* WHAT THE TASK REQUIRES *
A complete response lists each line of the data below that includes the word "Mode".
[SOURCE RECORDS]
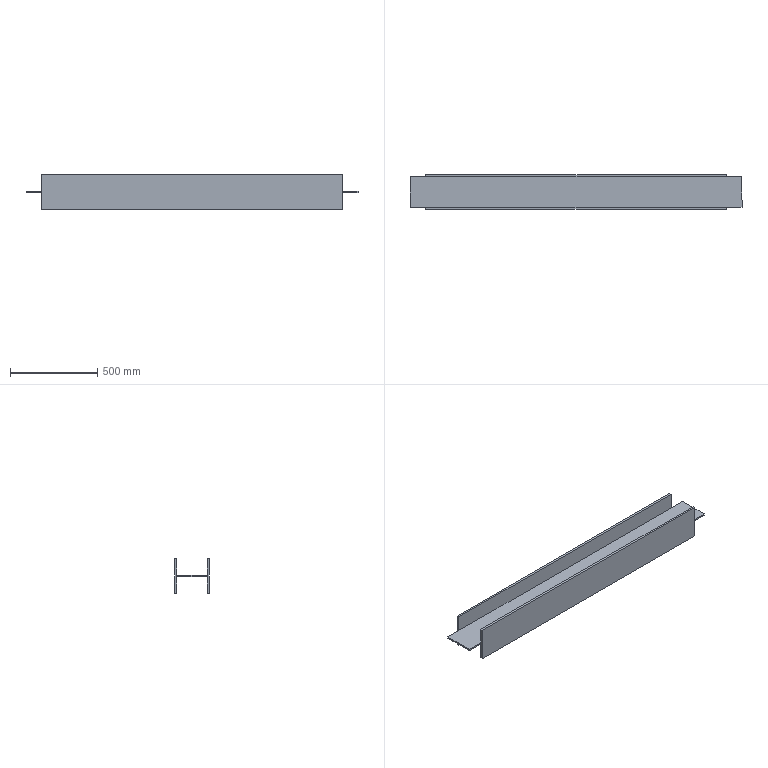Component | SolidWorks | I-Beam200-1905-2 | 1 solid | 22 faces | box 1905 x 200 x 200 mm | volume 10962240 mm3 | plane 22 | material Plain Carbon Steel
build123d program:
from build123d import *

# Parameters (mm, degrees)
BOSS_EXTRUDE1_DEPTH = 1905
SKETCH2_W           = 200
SKETCH2_H           = 90
CUT_EXTRUDE1_DEPTH  = 12
SKETCH3_W           = 200
SKETCH3_H           = 90
CUT_EXTRUDE2_DEPTH  = 12


with BuildPart() as part:
    # Sketch1 → Boss-Extrude1 (new body)
    with BuildSketch(Plane(origin=(0, 0, 0), x_dir=(1, 0, 0), z_dir=(0, 1, 0))):
        Polygon((0, 0), (0, 200), (12, 200), (12, 104), (188, 104), (188, 200), (200, 200), (200, 0), (188, 0), (188, 96), (12, 96), (12, 0), align=None)
    extrude(amount=BOSS_EXTRUDE1_DEPTH)

    # Sketch2 → Cut-Extrude1 (cut)
    with BuildSketch(Plane(origin=(200, 0, 0), x_dir=(0, 0, -1), z_dir=(1, 0, 0))):
        with Locations((100, 1860)):
            Rectangle(SKETCH2_W, SKETCH2_H)
        with Locations((100, 45)):
            Rectangle(SKETCH2_W, SKETCH2_H)
    extrude(amount=-CUT_EXTRUDE1_DEPTH, mode=Mode.SUBTRACT)

    # Sketch3 → Cut-Extrude2 (cut)
    with BuildSketch(Plane.ZY):
        with Locations((-100, 1860)):
            Rectangle(SKETCH3_W, SKETCH3_H)
        with Locations((-100, 45)):
            Rectangle(SKETCH3_W, SKETCH3_H)
    extrude(amount=-CUT_EXTRUDE2_DEPTH, mode=Mode.SUBTRACT)


solid = part.part

# Placed as in the assembly
solid = solid.moved(Location((2489.937, 3009.803, 2380.287), (0, 0, 90)))
STEP:
#1=COLOUR_RGB('',0.7922,0.8196,0.9333);
#2=FILL_AREA_STYLE_COLOUR('',#1);
#3=FILL_AREA_STYLE('',(#2));
#4=SURFACE_STYLE_FILL_AREA(#3);
#5=SURFACE_SIDE_STYLE('',(#4));
#6=SURFACE_STYLE_USAGE(.BOTH.,#5);
#7=PRESENTATION_STYLE_ASSIGNMENT((#6));
#8=CARTESIAN_POINT('',(23.029,118.969,89.933));
#9=VERTEX_POINT('',#8);
#10=CARTESIAN_POINT('',(23.029,118.969,89.618));
#11=VERTEX_POINT('',#10);
#12=CARTESIAN_POINT('',(23.029,118.969,85.838));
#13=DIRECTION('',(0.,0.,-1.));
#14=VECTOR('',#13,39.37);
#15=LINE('',#12,#14);
#16=EDGE_CURVE('',#9,#11,#15,.T.);
#17=ORIENTED_EDGE('',*,*,#16,.F.);
#18=CARTESIAN_POINT('',(23.029,125.898,89.933));
#19=VERTEX_POINT('',#18);
#20=CARTESIAN_POINT('',(23.029,125.898,89.933));
#21=DIRECTION('',(-0.,1.,-0.));
#22=VECTOR('',#21,39.37);
#23=LINE('',#20,#22);
#24=EDGE_CURVE('',#9,#19,#23,.T.);
#25=ORIENTED_EDGE('',*,*,#24,.T.);
#26=CARTESIAN_POINT('',(23.029,125.898,89.618));
#27=VERTEX_POINT('',#26);
#28=CARTESIAN_POINT('',(23.029,125.898,93.712));
#29=DIRECTION('',(-0.,0.,1.));
#30=VECTOR('',#29,39.37);
#31=LINE('',#28,#30);
#32=EDGE_CURVE('',#27,#19,#31,.T.);
#33=ORIENTED_EDGE('',*,*,#32,.F.);
#34=CARTESIAN_POINT('',(23.029,118.969,89.618));
#35=DIRECTION('',(0.,-1.,0.));
#36=VECTOR('',#35,39.37);
#37=LINE('',#34,#36);
#38=EDGE_CURVE('',#27,#11,#37,.T.);
#39=ORIENTED_EDGE('',*,*,#38,.T.);
#40=EDGE_LOOP('',(#17,#25,#33,#39));
#41=FACE_OUTER_BOUND('',#40,.T.);
#42=CARTESIAN_POINT('',(23.029,118.496,93.712));
#43=DIRECTION('',(1.,0.,0.));
#44=DIRECTION('',(0.,0.,-1.));
#45=AXIS2_PLACEMENT_3D('',#42,#43,#44);
#46=PLANE('',#45);
#47=ADVANCED_FACE('',(#41),#46,.F.);
#48=CARTESIAN_POINT('',(98.029,118.969,89.933));
#49=VERTEX_POINT('',#48);
#50=CARTESIAN_POINT('',(98.029,125.898,89.933));
#51=VERTEX_POINT('',#50);
#52=CARTESIAN_POINT('',(98.029,125.898,89.933));
#53=DIRECTION('',(-0.,1.,-0.));
#54=VECTOR('',#53,39.37);
#55=LINE('',#52,#54);
#56=EDGE_CURVE('',#49,#51,#55,.T.);
#57=ORIENTED_EDGE('',*,*,#56,.F.);
#58=CARTESIAN_POINT('',(98.029,118.969,89.618));
#59=VERTEX_POINT('',#58);
#60=CARTESIAN_POINT('',(98.029,118.969,93.712));
#61=DIRECTION('',(0.,0.,1.));
#62=VECTOR('',#61,39.37);
#63=LINE('',#60,#62);
#64=EDGE_CURVE('',#59,#49,#63,.T.);
#65=ORIENTED_EDGE('',*,*,#64,.F.);
#66=CARTESIAN_POINT('',(98.029,125.898,89.618));
#67=VERTEX_POINT('',#66);
#68=CARTESIAN_POINT('',(98.029,118.969,89.618));
#69=DIRECTION('',(0.,-1.,0.));
#70=VECTOR('',#69,39.37);
#71=LINE('',#68,#70);
#72=EDGE_CURVE('',#67,#59,#71,.T.);
#73=ORIENTED_EDGE('',*,*,#72,.F.);
#74=CARTESIAN_POINT('',(98.029,125.898,93.712));
#75=DIRECTION('',(-0.,0.,1.));
#76=VECTOR('',#75,39.37);
#77=LINE('',#74,#76);
#78=EDGE_CURVE('',#67,#51,#77,.T.);
#79=ORIENTED_EDGE('',*,*,#78,.T.);
#80=EDGE_LOOP('',(#57,#65,#73,#79));
#81=FACE_OUTER_BOUND('',#80,.T.);
#82=CARTESIAN_POINT('',(98.029,118.496,93.712));
#83=DIRECTION('',(1.,0.,0.));
#84=DIRECTION('',(0.,0.,-1.));
#85=AXIS2_PLACEMENT_3D('',#82,#83,#84);
#86=PLANE('',#85);
#87=ADVANCED_FACE('',(#81),#86,.T.);
#88=CARTESIAN_POINT('',(26.572,118.969,93.712));
#89=VERTEX_POINT('',#88);
#90=CARTESIAN_POINT('',(94.486,118.969,93.712));
#91=VERTEX_POINT('',#90);
#92=CARTESIAN_POINT('',(23.029,118.969,93.712));
#93=DIRECTION('',(1.,0.,0.));
#94=VECTOR('',#93,39.37);
#95=LINE('',#92,#94);
#96=EDGE_CURVE('',#89,#91,#95,.T.);
#97=ORIENTED_EDGE('',*,*,#96,.F.);
#98=CARTESIAN_POINT('',(26.572,118.496,93.712));
#99=VERTEX_POINT('',#98);
#100=CARTESIAN_POINT('',(26.572,118.969,93.712));
#101=DIRECTION('',(0.,-1.,0.));
#102=VECTOR('',#101,39.37);
#103=LINE('',#100,#102);
#104=EDGE_CURVE('',#89,#99,#103,.T.);
#105=ORIENTED_EDGE('',*,*,#104,.T.);
#106=CARTESIAN_POINT('',(94.486,118.496,93.712));
#107=VERTEX_POINT('',#106);
#108=CARTESIAN_POINT('',(23.029,118.496,93.712));
#109=DIRECTION('',(1.,0.,0.));
#110=VECTOR('',#109,39.37);
#111=LINE('',#108,#110);
#112=EDGE_CURVE('',#99,#107,#111,.T.);
#113=ORIENTED_EDGE('',*,*,#112,.T.);
#114=CARTESIAN_POINT('',(94.486,118.969,93.712));
#115=DIRECTION('',(0.,-1.,0.));
#116=VECTOR('',#115,39.37);
#117=LINE('',#114,#116);
#118=EDGE_CURVE('',#91,#107,#117,.T.);
#119=ORIENTED_EDGE('',*,*,#118,.F.);
#120=EDGE_LOOP('',(#97,#105,#113,#119));
#121=FACE_OUTER_BOUND('',#120,.T.);
#122=CARTESIAN_POINT('',(23.029,118.969,93.712));
#123=DIRECTION('',(-0.,0.,-1.));
#124=DIRECTION('',(0.,-1.,-0.));
#125=AXIS2_PLACEMENT_3D('',#122,#123,#124);
#126=PLANE('',#125);
#127=ADVANCED_FACE('',(#121),#126,.F.);
#128=CARTESIAN_POINT('',(26.572,118.969,89.933));
#129=VERTEX_POINT('',#128);
#130=CARTESIAN_POINT('',(94.486,118.969,89.933));
#131=VERTEX_POINT('',#130);
#132=CARTESIAN_POINT('',(23.029,118.969,89.933));
#133=DIRECTION('',(1.,0.,0.));
#134=VECTOR('',#133,39.37);
#135=LINE('',#132,#134);
#136=EDGE_CURVE('',#129,#131,#135,.T.);
#137=ORIENTED_EDGE('',*,*,#136,.F.);
#138=CARTESIAN_POINT('',(26.572,118.969,85.838));
#139=DIRECTION('',(0.,0.,1.));
#140=VECTOR('',#139,39.37);
#141=LINE('',#138,#140);
#142=EDGE_CURVE('',#129,#89,#141,.T.);
#143=ORIENTED_EDGE('',*,*,#142,.T.);
#144=ORIENTED_EDGE('',*,*,#96,.T.);
#145=CARTESIAN_POINT('',(94.486,118.969,93.712));
#146=DIRECTION('',(0.,0.,-1.));
#147=VECTOR('',#146,39.37);
#148=LINE('',#145,#147);
#149=EDGE_CURVE('',#91,#131,#148,.T.);
#150=ORIENTED_EDGE('',*,*,#149,.T.);
#151=EDGE_LOOP('',(#137,#143,#144,#150));
#152=FACE_OUTER_BOUND('',#151,.T.);
#153=CARTESIAN_POINT('',(23.029,118.969,89.933));
#154=DIRECTION('',(0.,-1.,0.));
#155=DIRECTION('',(-0.,0.,1.));
#156=AXIS2_PLACEMENT_3D('',#153,#154,#155);
#157=PLANE('',#156);
#158=ADVANCED_FACE('',(#152),#157,.F.);
#159=ORIENTED_EDGE('',*,*,#56,.T.);
#160=CARTESIAN_POINT('',(94.486,125.898,89.933));
#161=VERTEX_POINT('',#160);
#162=CARTESIAN_POINT('',(23.029,125.898,89.933));
#163=DIRECTION('',(1.,0.,0.));
#164=VECTOR('',#163,39.37);
#165=LINE('',#162,#164);
#166=EDGE_CURVE('',#161,#51,#165,.T.);
#167=ORIENTED_EDGE('',*,*,#166,.F.);
#168=CARTESIAN_POINT('',(26.572,125.898,89.933));
#169=VERTEX_POINT('',#168);
#170=CARTESIAN_POINT('',(23.029,125.898,89.933));
#171=DIRECTION('',(1.,0.,0.));
#172=VECTOR('',#171,39.37);
#173=LINE('',#170,#172);
#174=EDGE_CURVE('',#169,#161,#173,.T.);
#175=ORIENTED_EDGE('',*,*,#174,.F.);
#176=CARTESIAN_POINT('',(23.029,125.898,89.933));
#177=DIRECTION('',(1.,0.,0.));
#178=VECTOR('',#177,39.37);
#179=LINE('',#176,#178);
#180=EDGE_CURVE('',#19,#169,#179,.T.);
#181=ORIENTED_EDGE('',*,*,#180,.F.);
#182=ORIENTED_EDGE('',*,*,#24,.F.);
#183=CARTESIAN_POINT('',(23.029,118.969,89.933));
#184=DIRECTION('',(1.,0.,0.));
#185=VECTOR('',#184,39.37);
#186=LINE('',#183,#185);
#187=EDGE_CURVE('',#9,#129,#186,.T.);
#188=ORIENTED_EDGE('',*,*,#187,.T.);
#189=ORIENTED_EDGE('',*,*,#136,.T.);
#190=CARTESIAN_POINT('',(23.029,118.969,89.933));
#191=DIRECTION('',(-1.,-0.,0.));
#192=VECTOR('',#191,39.37);
#193=LINE('',#190,#192);
#194=EDGE_CURVE('',#49,#131,#193,.T.);
#195=ORIENTED_EDGE('',*,*,#194,.F.);
#196=EDGE_LOOP('',(#159,#167,#175,#181,#182,#188,#189,#195));
#197=FACE_OUTER_BOUND('',#196,.T.);
#198=CARTESIAN_POINT('',(23.029,125.898,89.933));
#199=DIRECTION('',(0.,-0.,-1.));
#200=DIRECTION('',(0.,-1.,0.));
#201=AXIS2_PLACEMENT_3D('',#198,#199,#200);
#202=PLANE('',#201);
#203=ADVANCED_FACE('',(#197),#202,.F.);
#204=CARTESIAN_POINT('',(26.572,125.898,93.712));
#205=VERTEX_POINT('',#204);
#206=CARTESIAN_POINT('',(94.486,125.898,93.712));
#207=VERTEX_POINT('',#206);
#208=CARTESIAN_POINT('',(23.029,125.898,93.712));
#209=DIRECTION('',(1.,0.,0.));
#210=VECTOR('',#209,39.37);
#211=LINE('',#208,#210);
#212=EDGE_CURVE('',#205,#207,#211,.T.);
#213=ORIENTED_EDGE('',*,*,#212,.F.);
#214=CARTESIAN_POINT('',(26.572,125.898,93.712));
#215=DIRECTION('',(0.,-0.,-1.));
#216=VECTOR('',#215,39.37);
#217=LINE('',#214,#216);
#218=EDGE_CURVE('',#205,#169,#217,.T.);
#219=ORIENTED_EDGE('',*,*,#218,.T.);
#220=ORIENTED_EDGE('',*,*,#174,.T.);
#221=CARTESIAN_POINT('',(94.486,125.898,85.838));
#222=DIRECTION('',(0.,0.,1.));
#223=VECTOR('',#222,39.37);
#224=LINE('',#221,#223);
#225=EDGE_CURVE('',#161,#207,#224,.T.);
#226=ORIENTED_EDGE('',*,*,#225,.T.);
#227=EDGE_LOOP('',(#213,#219,#220,#226));
#228=FACE_OUTER_BOUND('',#227,.T.);
#229=CARTESIAN_POINT('',(23.029,125.898,93.712));
#230=DIRECTION('',(-0.,1.,0.));
#231=DIRECTION('',(-0.,0.,-1.));
#232=AXIS2_PLACEMENT_3D('',#229,#230,#231);
#233=PLANE('',#232);
#234=ADVANCED_FACE('',(#228),#233,.F.);
#235=CARTESIAN_POINT('',(26.572,126.37,93.712));
#236=VERTEX_POINT('',#235);
#237=CARTESIAN_POINT('',(94.486,126.37,93.712));
#238=VERTEX_POINT('',#237);
#239=CARTESIAN_POINT('',(23.029,126.37,93.712));
#240=DIRECTION('',(1.,0.,0.));
#241=VECTOR('',#240,39.37);
#242=LINE('',#239,#241);
#243=EDGE_CURVE('',#236,#238,#242,.T.);
#244=ORIENTED_EDGE('',*,*,#243,.F.);
#245=CARTESIAN_POINT('',(26.572,125.898,93.712));
#246=DIRECTION('',(-0.,1.,-0.));
#247=VECTOR('',#246,39.37);
#248=LINE('',#245,#247);
#249=EDGE_CURVE('',#205,#236,#248,.T.);
#250=ORIENTED_EDGE('',*,*,#249,.F.);
#251=ORIENTED_EDGE('',*,*,#212,.T.);
#252=CARTESIAN_POINT('',(94.486,125.898,93.712));
#253=DIRECTION('',(-0.,1.,-0.));
#254=VECTOR('',#253,39.37);
#255=LINE('',#252,#254);
#256=EDGE_CURVE('',#207,#238,#255,.T.);
#257=ORIENTED_EDGE('',*,*,#256,.T.);
#258=EDGE_LOOP('',(#244,#250,#251,#257));
#259=FACE_OUTER_BOUND('',#258,.T.);
#260=CARTESIAN_POINT('',(23.029,126.37,93.712));
#261=DIRECTION('',(-0.,0.,-1.));
#262=DIRECTION('',(0.,-1.,-0.));
#263=AXIS2_PLACEMENT_3D('',#260,#261,#262);
#264=PLANE('',#263);
#265=ADVANCED_FACE('',(#259),#264,.F.);
#266=CARTESIAN_POINT('',(26.572,126.37,85.838));
#267=VERTEX_POINT('',#266);
#268=CARTESIAN_POINT('',(94.486,126.37,85.838));
#269=VERTEX_POINT('',#268);
#270=CARTESIAN_POINT('',(23.029,126.37,85.838));
#271=DIRECTION('',(1.,0.,0.));
#272=VECTOR('',#271,39.37);
#273=LINE('',#270,#272);
#274=EDGE_CURVE('',#267,#269,#273,.T.);
#275=ORIENTED_EDGE('',*,*,#274,.F.);
#276=CARTESIAN_POINT('',(26.572,126.37,93.712));
#277=DIRECTION('',(0.,-0.,-1.));
#278=VECTOR('',#277,39.37);
#279=LINE('',#276,#278);
#280=EDGE_CURVE('',#236,#267,#279,.T.);
#281=ORIENTED_EDGE('',*,*,#280,.F.);
#282=ORIENTED_EDGE('',*,*,#243,.T.);
#283=CARTESIAN_POINT('',(94.486,126.37,85.838));
#284=DIRECTION('',(0.,0.,1.));
#285=VECTOR('',#284,39.37);
#286=LINE('',#283,#285);
#287=EDGE_CURVE('',#269,#238,#286,.T.);
#288=ORIENTED_EDGE('',*,*,#287,.F.);
#289=EDGE_LOOP('',(#275,#281,#282,#288));
#290=FACE_OUTER_BOUND('',#289,.T.);
#291=CARTESIAN_POINT('',(23.029,126.37,85.838));
#292=DIRECTION('',(0.,-1.,0.));
#293=DIRECTION('',(-0.,0.,1.));
#294=AXIS2_PLACEMENT_3D('',#291,#292,#293);
#295=PLANE('',#294);
#296=ADVANCED_FACE('',(#290),#295,.F.);
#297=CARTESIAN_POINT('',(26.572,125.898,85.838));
[/SOURCE RECORDS]
* EXPECTED ANSWER *
    extrude(amount=-CUT_EXTRUDE1_DEPTH, mode=Mode.SUBTRACT)
    extrude(amount=-CUT_EXTRUDE2_DEPTH, mode=Mode.SUBTRACT)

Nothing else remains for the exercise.